• **Data extracts**
^^^^^^^^^^^^^^^^
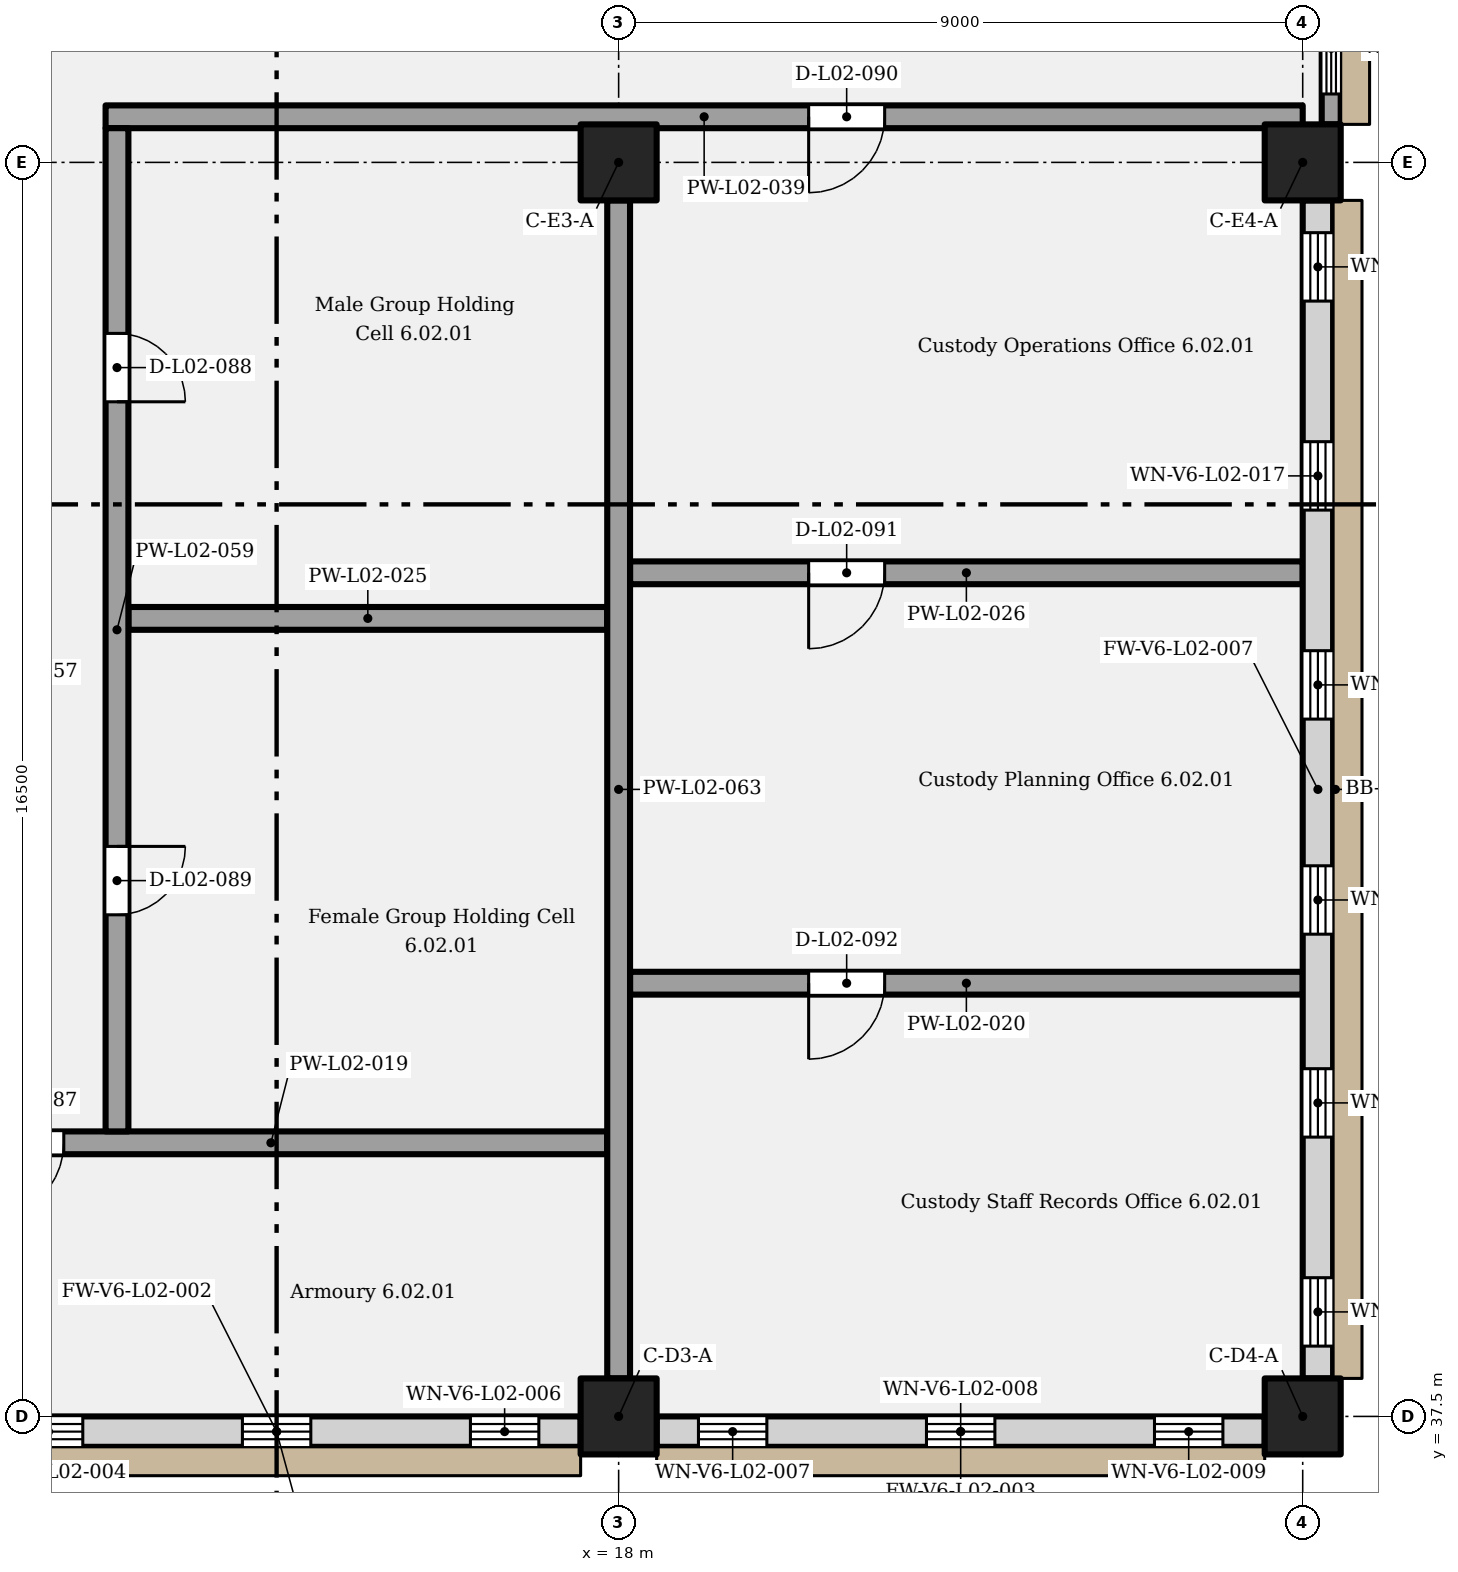
"""IFC4 building model, lengths in metres.
Left out: names, types, materials, properties, quantities, classifications, styles, units other than length and angle.
Written with IfcOpenShell. Run it as: python <this file> out.ifc"""

import sys

from ifc_helpers import new_model, si_unit, direction, frame, frame_2d, origin, origin_2d, place, context, subcontext, project, spatial, rectangle, extrude, element, fill, save


model = new_model("IFC4")
c1 = context("Model", 3, precision=1e-05, world=origin(), true_north=direction((0.0, 1.0)))
c2 = subcontext(c1, "Body", "Model", "MODEL_VIEW")
j1 = project(units=[si_unit("LENGTHUNIT", "METRE"), si_unit("PLANEANGLEUNIT", "RADIAN")], contexts=[c1])
p1 = place(None, origin())
s1 = spatial("IfcSite", under=j1, at=p1, CompositionType="ELEMENT")
p2 = place(p1, origin())
s2 = spatial("IfcBuilding", under=s1, at=p2, CompositionType="ELEMENT")
p3 = place(p2, frame((0.0, 0.0, 12.0)))
s3 = spatial("IfcBuildingStorey", under=s2, at=p3, CompositionType="ELEMENT", Elevation=12.0)
for number, where, z_axis, x_axis in (
    (1, (18.0, 37.5, 0.0), (0.0, 0.0, 1.0), (1.0, 0.0, 0.0)),
    (2, (27.0, 37.5, 0.0), (0.0, 0.0, 1.0), (1.0, 0.0, 0.0)),
    (3, (18.0, 54.0, 0.0), (0.0, 0.0, 1.0), (1.0, 0.0, 0.0)),
    (4, (27.0, 54.0, 0.0), (0.0, 0.0, 1.0), (1.0, 0.0, 0.0)),
):
    element("IfcColumn", number, at=place(p3, frame(where, z_axis=z_axis, x_axis=x_axis)), inside=s3, PredefinedType="COLUMN", context=c2, shape_type="SweptSolid", body=[
        extrude(rectangle(XDim=1.0, YDim=1.0, at=origin_2d()), origin(), (0.0, 0.0, 1.0), 5.4),
    ])
p4 = place(p3, frame((9.5, 37.3, 0.0), z_axis=(0.0, 0.0, 1.0), x_axis=(1.0, 0.0, 0.0)))
e5 = element("IfcWall", 5, at=p4, inside=s3, PredefinedType="SOLIDWALL", context=c2, shape_type="SweptSolid", body=[
    extrude(rectangle(XDim=8.0, YDim=0.4, at=frame_2d((4.0, 0.0))), origin(), (0.0, 0.0, 1.0), 5.15),
])
p5 = place(p4, frame((0.55, 0.0, 1.5)))
e6 = element("IfcOpeningElement", 6, at=p5, cuts=e5, PredefinedType="OPENING", context=c2, shape_type="SweptSolid", body=[
    extrude(rectangle(XDim=0.9, YDim=1.8, at=frame_2d((0.45, 0.9))), frame((0.0, 0.21, 0.0), z_axis=(0.0, -1.0, 0.0), x_axis=(1.0, 0.0, 0.0)), (0.0, 0.0, 1.0), 0.42),
])
p6 = place(p4, frame((3.55, 0.0, 1.5)))
e7 = element("IfcOpeningElement", 7, at=p6, cuts=e5, PredefinedType="OPENING", context=c2, shape_type="SweptSolid", body=[
    extrude(rectangle(XDim=0.9, YDim=1.8, at=frame_2d((0.45, 0.9))), frame((0.0, 0.21, 0.0), z_axis=(0.0, -1.0, 0.0), x_axis=(1.0, 0.0, 0.0)), (0.0, 0.0, 1.0), 0.42),
])
p7 = place(p4, frame((6.55, 0.0, 1.5)))
e8 = element("IfcOpeningElement", 8, at=p7, cuts=e5, PredefinedType="OPENING", context=c2, shape_type="SweptSolid", body=[
    extrude(rectangle(XDim=0.9, YDim=1.8, at=frame_2d((0.45, 0.9))), frame((0.0, 0.21, 0.0), z_axis=(0.0, -1.0, 0.0), x_axis=(1.0, 0.0, 0.0)), (0.0, 0.0, 1.0), 0.42),
])
p8 = place(p3, frame((18.5, 37.3, 0.0), z_axis=(0.0, 0.0, 1.0), x_axis=(1.0, 0.0, 0.0)))
e9 = element("IfcWall", 9, at=p8, inside=s3, PredefinedType="SOLIDWALL", context=c2, shape_type="SweptSolid", body=[
    extrude(rectangle(XDim=8.0, YDim=0.4, at=frame_2d((4.0, 0.0))), origin(), (0.0, 0.0, 1.0), 5.15),
])
p9 = place(p8, frame((0.55, 0.0, 1.5)))
e10 = element("IfcOpeningElement", 10, at=p9, cuts=e9, PredefinedType="OPENING", context=c2, shape_type="SweptSolid", body=[
    extrude(rectangle(XDim=0.9, YDim=1.8, at=frame_2d((0.45, 0.9))), frame((0.0, 0.21, 0.0), z_axis=(0.0, -1.0, 0.0), x_axis=(1.0, 0.0, 0.0)), (0.0, 0.0, 1.0), 0.42),
])
p10 = place(p8, frame((3.55, 0.0, 1.5)))
e11 = element("IfcOpeningElement", 11, at=p10, cuts=e9, PredefinedType="OPENING", context=c2, shape_type="SweptSolid", body=[
    extrude(rectangle(XDim=0.9, YDim=1.8, at=frame_2d((0.45, 0.9))), frame((0.0, 0.21, 0.0), z_axis=(0.0, -1.0, 0.0), x_axis=(1.0, 0.0, 0.0)), (0.0, 0.0, 1.0), 0.42),
])
p11 = place(p8, frame((6.55, 0.0, 1.5)))
e12 = element("IfcOpeningElement", 12, at=p11, cuts=e9, PredefinedType="OPENING", context=c2, shape_type="SweptSolid", body=[
    extrude(rectangle(XDim=0.9, YDim=1.8, at=frame_2d((0.45, 0.9))), frame((0.0, 0.21, 0.0), z_axis=(0.0, -1.0, 0.0), x_axis=(1.0, 0.0, 0.0)), (0.0, 0.0, 1.0), 0.42),
])
p12 = place(p3, frame((27.2, 38.0, 0.0), z_axis=(0.0, 0.0, 1.0), x_axis=(0.0, 1.0, 0.0)))
e13 = element("IfcWall", 13, at=p12, inside=s3, PredefinedType="SOLIDWALL", context=c2, shape_type="SweptSolid", body=[
    extrude(rectangle(XDim=15.5, YDim=0.4, at=frame_2d((7.75, 0.0))), origin(), (0.0, 0.0, 1.0), 5.15),
])
p13 = place(p12, frame((0.425, 0.0, 1.5)))
e14 = element("IfcOpeningElement", 14, at=p13, cuts=e13, PredefinedType="OPENING", context=c2, shape_type="SweptSolid", body=[
    extrude(rectangle(XDim=0.9, YDim=1.8, at=frame_2d((0.45, 0.9))), frame((0.0, 0.21, 0.0), z_axis=(0.0, -1.0, 0.0), x_axis=(1.0, 0.0, 0.0)), (0.0, 0.0, 1.0), 0.42),
])
p14 = place(p12, frame((3.175, 0.0, 1.5)))
e15 = element("IfcOpeningElement", 15, at=p14, cuts=e13, PredefinedType="OPENING", context=c2, shape_type="SweptSolid", body=[
    extrude(rectangle(XDim=0.9, YDim=1.8, at=frame_2d((0.45, 0.9))), frame((0.0, 0.21, 0.0), z_axis=(0.0, -1.0, 0.0), x_axis=(1.0, 0.0, 0.0)), (0.0, 0.0, 1.0), 0.42),
])
p15 = place(p12, frame((5.845, 0.0, 1.5)))
e16 = element("IfcOpeningElement", 16, at=p15, cuts=e13, PredefinedType="OPENING", context=c2, shape_type="SweptSolid", body=[
    extrude(rectangle(XDim=0.9, YDim=1.8, at=frame_2d((0.45, 0.9))), frame((0.0, 0.21, 0.0), z_axis=(0.0, -1.0, 0.0), x_axis=(1.0, 0.0, 0.0)), (0.0, 0.0, 1.0), 0.42),
])
p16 = place(p12, frame((8.675, 0.0, 1.5)))
e17 = element("IfcOpeningElement", 17, at=p16, cuts=e13, PredefinedType="OPENING", context=c2, shape_type="SweptSolid", body=[
    extrude(rectangle(XDim=0.9, YDim=1.8, at=frame_2d((0.45, 0.9))), frame((0.0, 0.21, 0.0), z_axis=(0.0, -1.0, 0.0), x_axis=(1.0, 0.0, 0.0)), (0.0, 0.0, 1.0), 0.42),
])
p17 = place(p12, frame((11.425, 0.0, 1.5)))
e18 = element("IfcOpeningElement", 18, at=p17, cuts=e13, PredefinedType="OPENING", context=c2, shape_type="SweptSolid", body=[
    extrude(rectangle(XDim=0.9, YDim=1.8, at=frame_2d((0.45, 0.9))), frame((0.0, 0.21, 0.0), z_axis=(0.0, -1.0, 0.0), x_axis=(1.0, 0.0, 0.0)), (0.0, 0.0, 1.0), 0.42),
])
p18 = place(p12, frame((14.175, 0.0, 1.5)))
e19 = element("IfcOpeningElement", 19, at=p18, cuts=e13, PredefinedType="OPENING", context=c2, shape_type="SweptSolid", body=[
    extrude(rectangle(XDim=0.9, YDim=1.8, at=frame_2d((0.45, 0.9))), frame((0.0, 0.21, 0.0), z_axis=(0.0, -1.0, 0.0), x_axis=(1.0, 0.0, 0.0)), (0.0, 0.0, 1.0), 0.42),
])
p19 = place(p3, frame((27.375, 54.5, 0.0), z_axis=(0.0, 0.0, 1.0), x_axis=(0.0, 1.0, 0.0)))
e20 = element("IfcWall", 20, at=p19, inside=s3, PredefinedType="SOLIDWALL", context=c2, shape_type="SweptSolid", body=[
    extrude(rectangle(XDim=11.05, YDim=0.25, at=frame_2d((5.525, 0.0))), origin(), (0.0, 0.0, 1.0), 5.15),
])
p20 = place(p19, frame((0.4, 0.0, 0.9)))
e21 = element("IfcOpeningElement", 21, at=p20, cuts=e20, PredefinedType="OPENING", context=c2, shape_type="SweptSolid", body=[
    extrude(rectangle(XDim=1.2, YDim=2.4, at=frame_2d((0.6, 1.2))), frame((0.0, 0.135, 0.0), z_axis=(0.0, -1.0, 0.0), x_axis=(1.0, 0.0, 0.0)), (0.0, 0.0, 1.0), 0.27),
])
p21 = place(p3, frame((9.0, 41.1, 0.0), z_axis=(0.0, 0.0, 1.0), x_axis=(1.0, 0.0, 0.0)))
e22 = element("IfcWall", 22, at=p21, inside=s3, PredefinedType="PARTITIONING", context=c2, shape_type="SweptSolid", body=[
    extrude(rectangle(XDim=8.85, YDim=0.3, at=frame_2d((4.425, 0.0))), origin(), (0.0, 0.0, 1.0), 5.15),
])
p22 = place(p21, frame((1.7, 0.0, 0.0), z_axis=(0.0, 0.0, 1.0), x_axis=(-1.0, 0.0, 0.0)))
e23 = element("IfcOpeningElement", 23, at=p22, cuts=e22, PredefinedType="OPENING", context=c2, shape_type="SweptSolid", body=[
    extrude(rectangle(XDim=1.0, YDim=2.1, at=frame_2d((0.5, 1.05))), frame((0.0, 0.16, 0.0), z_axis=(0.0, -1.0, 0.0), x_axis=(1.0, 0.0, 0.0)), (0.0, 0.0, 1.0), 0.32),
])
p23 = place(p3, frame((18.15, 43.2, 0.0), z_axis=(0.0, 0.0, 1.0), x_axis=(1.0, 0.0, 0.0)))
e24 = element("IfcWall", 24, at=p23, inside=s3, PredefinedType="PARTITIONING", context=c2, shape_type="SweptSolid", body=[
    extrude(rectangle(XDim=8.85, YDim=0.3, at=frame_2d((4.425, 0.0))), origin(), (0.0, 0.0, 1.0), 5.15),
])
p24 = place(p23, frame((3.35, 0.0, 0.0), z_axis=(0.0, 0.0, 1.0), x_axis=(-1.0, 0.0, 0.0)))
e25 = element("IfcOpeningElement", 25, at=p24, cuts=e24, PredefinedType="OPENING", context=c2, shape_type="SweptSolid", body=[
    extrude(rectangle(XDim=1.0, YDim=2.1, at=frame_2d((0.5, 1.05))), frame((0.0, 0.16, 0.0), z_axis=(0.0, -1.0, 0.0), x_axis=(1.0, 0.0, 0.0)), (0.0, 0.0, 1.0), 0.32),
])
p25 = place(p3, frame((11.55, 48.0, 0.0), z_axis=(0.0, 0.0, 1.0), x_axis=(1.0, 0.0, 0.0)))
e26 = element("IfcWall", 26, at=p25, inside=s3, PredefinedType="PARTITIONING", context=c2, shape_type="SweptSolid", body=[
    extrude(rectangle(XDim=6.3, YDim=0.3, at=frame_2d((3.15, 0.0))), origin(), (0.0, 0.0, 1.0), 5.15),
])
p26 = place(p3, frame((18.15, 48.6, 0.0), z_axis=(0.0, 0.0, 1.0), x_axis=(1.0, 0.0, 0.0)))
e27 = element("IfcWall", 27, at=p26, inside=s3, PredefinedType="PARTITIONING", context=c2, shape_type="SweptSolid", body=[
    extrude(rectangle(XDim=8.85, YDim=0.3, at=frame_2d((4.425, 0.0))), origin(), (0.0, 0.0, 1.0), 5.15),
])
p27 = place(p26, frame((3.35, 0.0, 0.0), z_axis=(0.0, 0.0, 1.0), x_axis=(-1.0, 0.0, 0.0)))
e28 = element("IfcOpeningElement", 28, at=p27, cuts=e27, PredefinedType="OPENING", context=c2, shape_type="SweptSolid", body=[
    extrude(rectangle(XDim=1.0, YDim=2.1, at=frame_2d((0.5, 1.05))), frame((0.0, 0.16, 0.0), z_axis=(0.0, -1.0, 0.0), x_axis=(1.0, 0.0, 0.0)), (0.0, 0.0, 1.0), 0.32),
])
p28 = place(p3, frame((11.25, 54.6, 0.0), z_axis=(0.0, 0.0, 1.0), x_axis=(1.0, 0.0, 0.0)))
e29 = element("IfcWall", 29, at=p28, inside=s3, PredefinedType="PARTITIONING", context=c2, shape_type="SweptSolid", body=[
    extrude(rectangle(XDim=15.75, YDim=0.3, at=frame_2d((7.875, 0.0))), origin(), (0.0, 0.0, 1.0), 5.15),
])
p29 = place(p28, frame((10.25, 0.0, 0.0), z_axis=(0.0, 0.0, 1.0), x_axis=(-1.0, 0.0, 0.0)))
e30 = element("IfcOpeningElement", 30, at=p29, cuts=e29, PredefinedType="OPENING", context=c2, shape_type="SweptSolid", body=[
    extrude(rectangle(XDim=1.0, YDim=2.1, at=frame_2d((0.5, 1.05))), frame((0.0, 0.16, 0.0), z_axis=(0.0, -1.0, 0.0), x_axis=(1.0, 0.0, 0.0)), (0.0, 0.0, 1.0), 0.32),
])
p30 = place(p3, frame((11.4, 41.25, 0.0), z_axis=(0.0, 0.0, 1.0), x_axis=(0.0, 1.0, 0.0)))
e31 = element("IfcWall", 31, at=p30, inside=s3, PredefinedType="PARTITIONING", context=c2, shape_type="SweptSolid", body=[
    extrude(rectangle(XDim=13.2, YDim=0.3, at=frame_2d((6.6, 0.0))), origin(), (0.0, 0.0, 1.0), 5.15),
])
p31 = place(p30, frame((10.5, 0.0, 0.0), z_axis=(0.0, 0.0, 1.0), x_axis=(-1.0, 0.0, 0.0)))
e32 = element("IfcOpeningElement", 32, at=p31, cuts=e31, PredefinedType="OPENING", context=c2, shape_type="SweptSolid", body=[
    extrude(rectangle(XDim=0.9, YDim=2.0, at=frame_2d((0.45, 1.0))), frame((0.0, 0.16, 0.0), z_axis=(0.0, -1.0, 0.0), x_axis=(1.0, 0.0, 0.0)), (0.0, 0.0, 1.0), 0.32),
])
p32 = place(p30, frame((3.75, 0.0, 0.0), z_axis=(0.0, 0.0, 1.0), x_axis=(-1.0, 0.0, 0.0)))
e33 = element("IfcOpeningElement", 33, at=p32, cuts=e31, PredefinedType="OPENING", context=c2, shape_type="SweptSolid", body=[
    extrude(rectangle(XDim=0.9, YDim=2.0, at=frame_2d((0.45, 1.0))), frame((0.0, 0.16, 0.0), z_axis=(0.0, -1.0, 0.0), x_axis=(1.0, 0.0, 0.0)), (0.0, 0.0, 1.0), 0.32),
])
p33 = place(p3, frame((18.0, 38.0, 0.0), z_axis=(0.0, 0.0, 1.0), x_axis=(0.0, 1.0, 0.0)))
e34 = element("IfcWall", 34, at=p33, inside=s3, PredefinedType="PARTITIONING", context=c2, shape_type="SweptSolid", body=[
    extrude(rectangle(XDim=15.5, YDim=0.3, at=frame_2d((7.75, 0.0))), origin(), (0.0, 0.0, 1.0), 4.2),
])
p34 = place(p5, origin())
e35 = element("IfcWindow", 35, at=p34, inside=s3, PartitioningType="SINGLE_PANEL", PredefinedType="WINDOW", context=c2, shape_type="SweptSolid", body=[
    extrude(rectangle(XDim=0.9, YDim=1.8, at=frame_2d((0.45, 0.9))), frame((0.0, 0.03, 0.0), z_axis=(0.0, -1.0, 0.0), x_axis=(1.0, 0.0, 0.0)), (0.0, 0.0, 1.0), 0.06),
])
fill(e6, e35)
p35 = place(p6, origin())
e36 = element("IfcWindow", 36, at=p35, inside=s3, PartitioningType="SINGLE_PANEL", PredefinedType="WINDOW", context=c2, shape_type="SweptSolid", body=[
    extrude(rectangle(XDim=0.9, YDim=1.8, at=frame_2d((0.45, 0.9))), frame((0.0, 0.03, 0.0), z_axis=(0.0, -1.0, 0.0), x_axis=(1.0, 0.0, 0.0)), (0.0, 0.0, 1.0), 0.06),
])
fill(e7, e36)
p36 = place(p7, origin())
e37 = element("IfcWindow", 37, at=p36, inside=s3, PartitioningType="SINGLE_PANEL", PredefinedType="WINDOW", context=c2, shape_type="SweptSolid", body=[
    extrude(rectangle(XDim=0.9, YDim=1.8, at=frame_2d((0.45, 0.9))), frame((0.0, 0.03, 0.0), z_axis=(0.0, -1.0, 0.0), x_axis=(1.0, 0.0, 0.0)), (0.0, 0.0, 1.0), 0.06),
])
fill(e8, e37)
p37 = place(p9, origin())
e38 = element("IfcWindow", 38, at=p37, inside=s3, PartitioningType="SINGLE_PANEL", PredefinedType="WINDOW", context=c2, shape_type="SweptSolid", body=[
    extrude(rectangle(XDim=0.9, YDim=1.8, at=frame_2d((0.45, 0.9))), frame((0.0, 0.03, 0.0), z_axis=(0.0, -1.0, 0.0), x_axis=(1.0, 0.0, 0.0)), (0.0, 0.0, 1.0), 0.06),
])
fill(e10, e38)
p38 = place(p10, origin())
e39 = element("IfcWindow", 39, at=p38, inside=s3, PartitioningType="SINGLE_PANEL", PredefinedType="WINDOW", context=c2, shape_type="SweptSolid", body=[
    extrude(rectangle(XDim=0.9, YDim=1.8, at=frame_2d((0.45, 0.9))), frame((0.0, 0.03, 0.0), z_axis=(0.0, -1.0, 0.0), x_axis=(1.0, 0.0, 0.0)), (0.0, 0.0, 1.0), 0.06),
])
fill(e11, e39)
p39 = place(p11, origin())
e40 = element("IfcWindow", 40, at=p39, inside=s3, PartitioningType="SINGLE_PANEL", PredefinedType="WINDOW", context=c2, shape_type="SweptSolid", body=[
    extrude(rectangle(XDim=0.9, YDim=1.8, at=frame_2d((0.45, 0.9))), frame((0.0, 0.03, 0.0), z_axis=(0.0, -1.0, 0.0), x_axis=(1.0, 0.0, 0.0)), (0.0, 0.0, 1.0), 0.06),
])
fill(e12, e40)
p40 = place(p13, origin())
e41 = element("IfcWindow", 41, at=p40, inside=s3, PartitioningType="SINGLE_PANEL", PredefinedType="WINDOW", context=c2, shape_type="SweptSolid", body=[
    extrude(rectangle(XDim=0.9, YDim=1.8, at=frame_2d((0.45, 0.9))), frame((0.0, 0.03, 0.0), z_axis=(0.0, -1.0, 0.0), x_axis=(1.0, 0.0, 0.0)), (0.0, 0.0, 1.0), 0.06),
])
fill(e14, e41)
p41 = place(p14, origin())
e42 = element("IfcWindow", 42, at=p41, inside=s3, PartitioningType="SINGLE_PANEL", PredefinedType="WINDOW", context=c2, shape_type="SweptSolid", body=[
    extrude(rectangle(XDim=0.9, YDim=1.8, at=frame_2d((0.45, 0.9))), frame((0.0, 0.03, 0.0), z_axis=(0.0, -1.0, 0.0), x_axis=(1.0, 0.0, 0.0)), (0.0, 0.0, 1.0), 0.06),
])
fill(e15, e42)
p42 = place(p15, origin())
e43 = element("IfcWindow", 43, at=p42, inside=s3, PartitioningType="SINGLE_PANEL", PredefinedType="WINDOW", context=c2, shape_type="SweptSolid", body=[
^^^^^^^^^^^^^^^^
• **Exercise requirements**
Write out, word for word, the lines from the first line of the entries through the one containing "p3 = place(p2, frame((0.0, 0.0, 12.0)))", both included. Leave out the pictures.

• **Task response**
"""IFC4 building model, lengths in metres.
Left out: names, types, materials, properties, quantities, classifications, styles, units other than length and angle.
Written with IfcOpenShell. Run it as: python <this file> out.ifc"""

import sys

from ifc_helpers import new_model, si_unit, direction, frame, frame_2d, origin, origin_2d, place, context, subcontext, project, spatial, rectangle, extrude, element, fill, save


model = new_model("IFC4")
c1 = context("Model", 3, precision=1e-05, world=origin(), true_north=direction((0.0, 1.0)))
c2 = subcontext(c1, "Body", "Model", "MODEL_VIEW")
j1 = project(units=[si_unit("LENGTHUNIT", "METRE"), si_unit("PLANEANGLEUNIT", "RADIAN")], contexts=[c1])
p1 = place(None, origin())
s1 = spatial("IfcSite", under=j1, at=p1, CompositionType="ELEMENT")
p2 = place(p1, origin())
s2 = spatial("IfcBuilding", under=s1, at=p2, CompositionType="ELEMENT")
p3 = place(p2, frame((0.0, 0.0, 12.0)))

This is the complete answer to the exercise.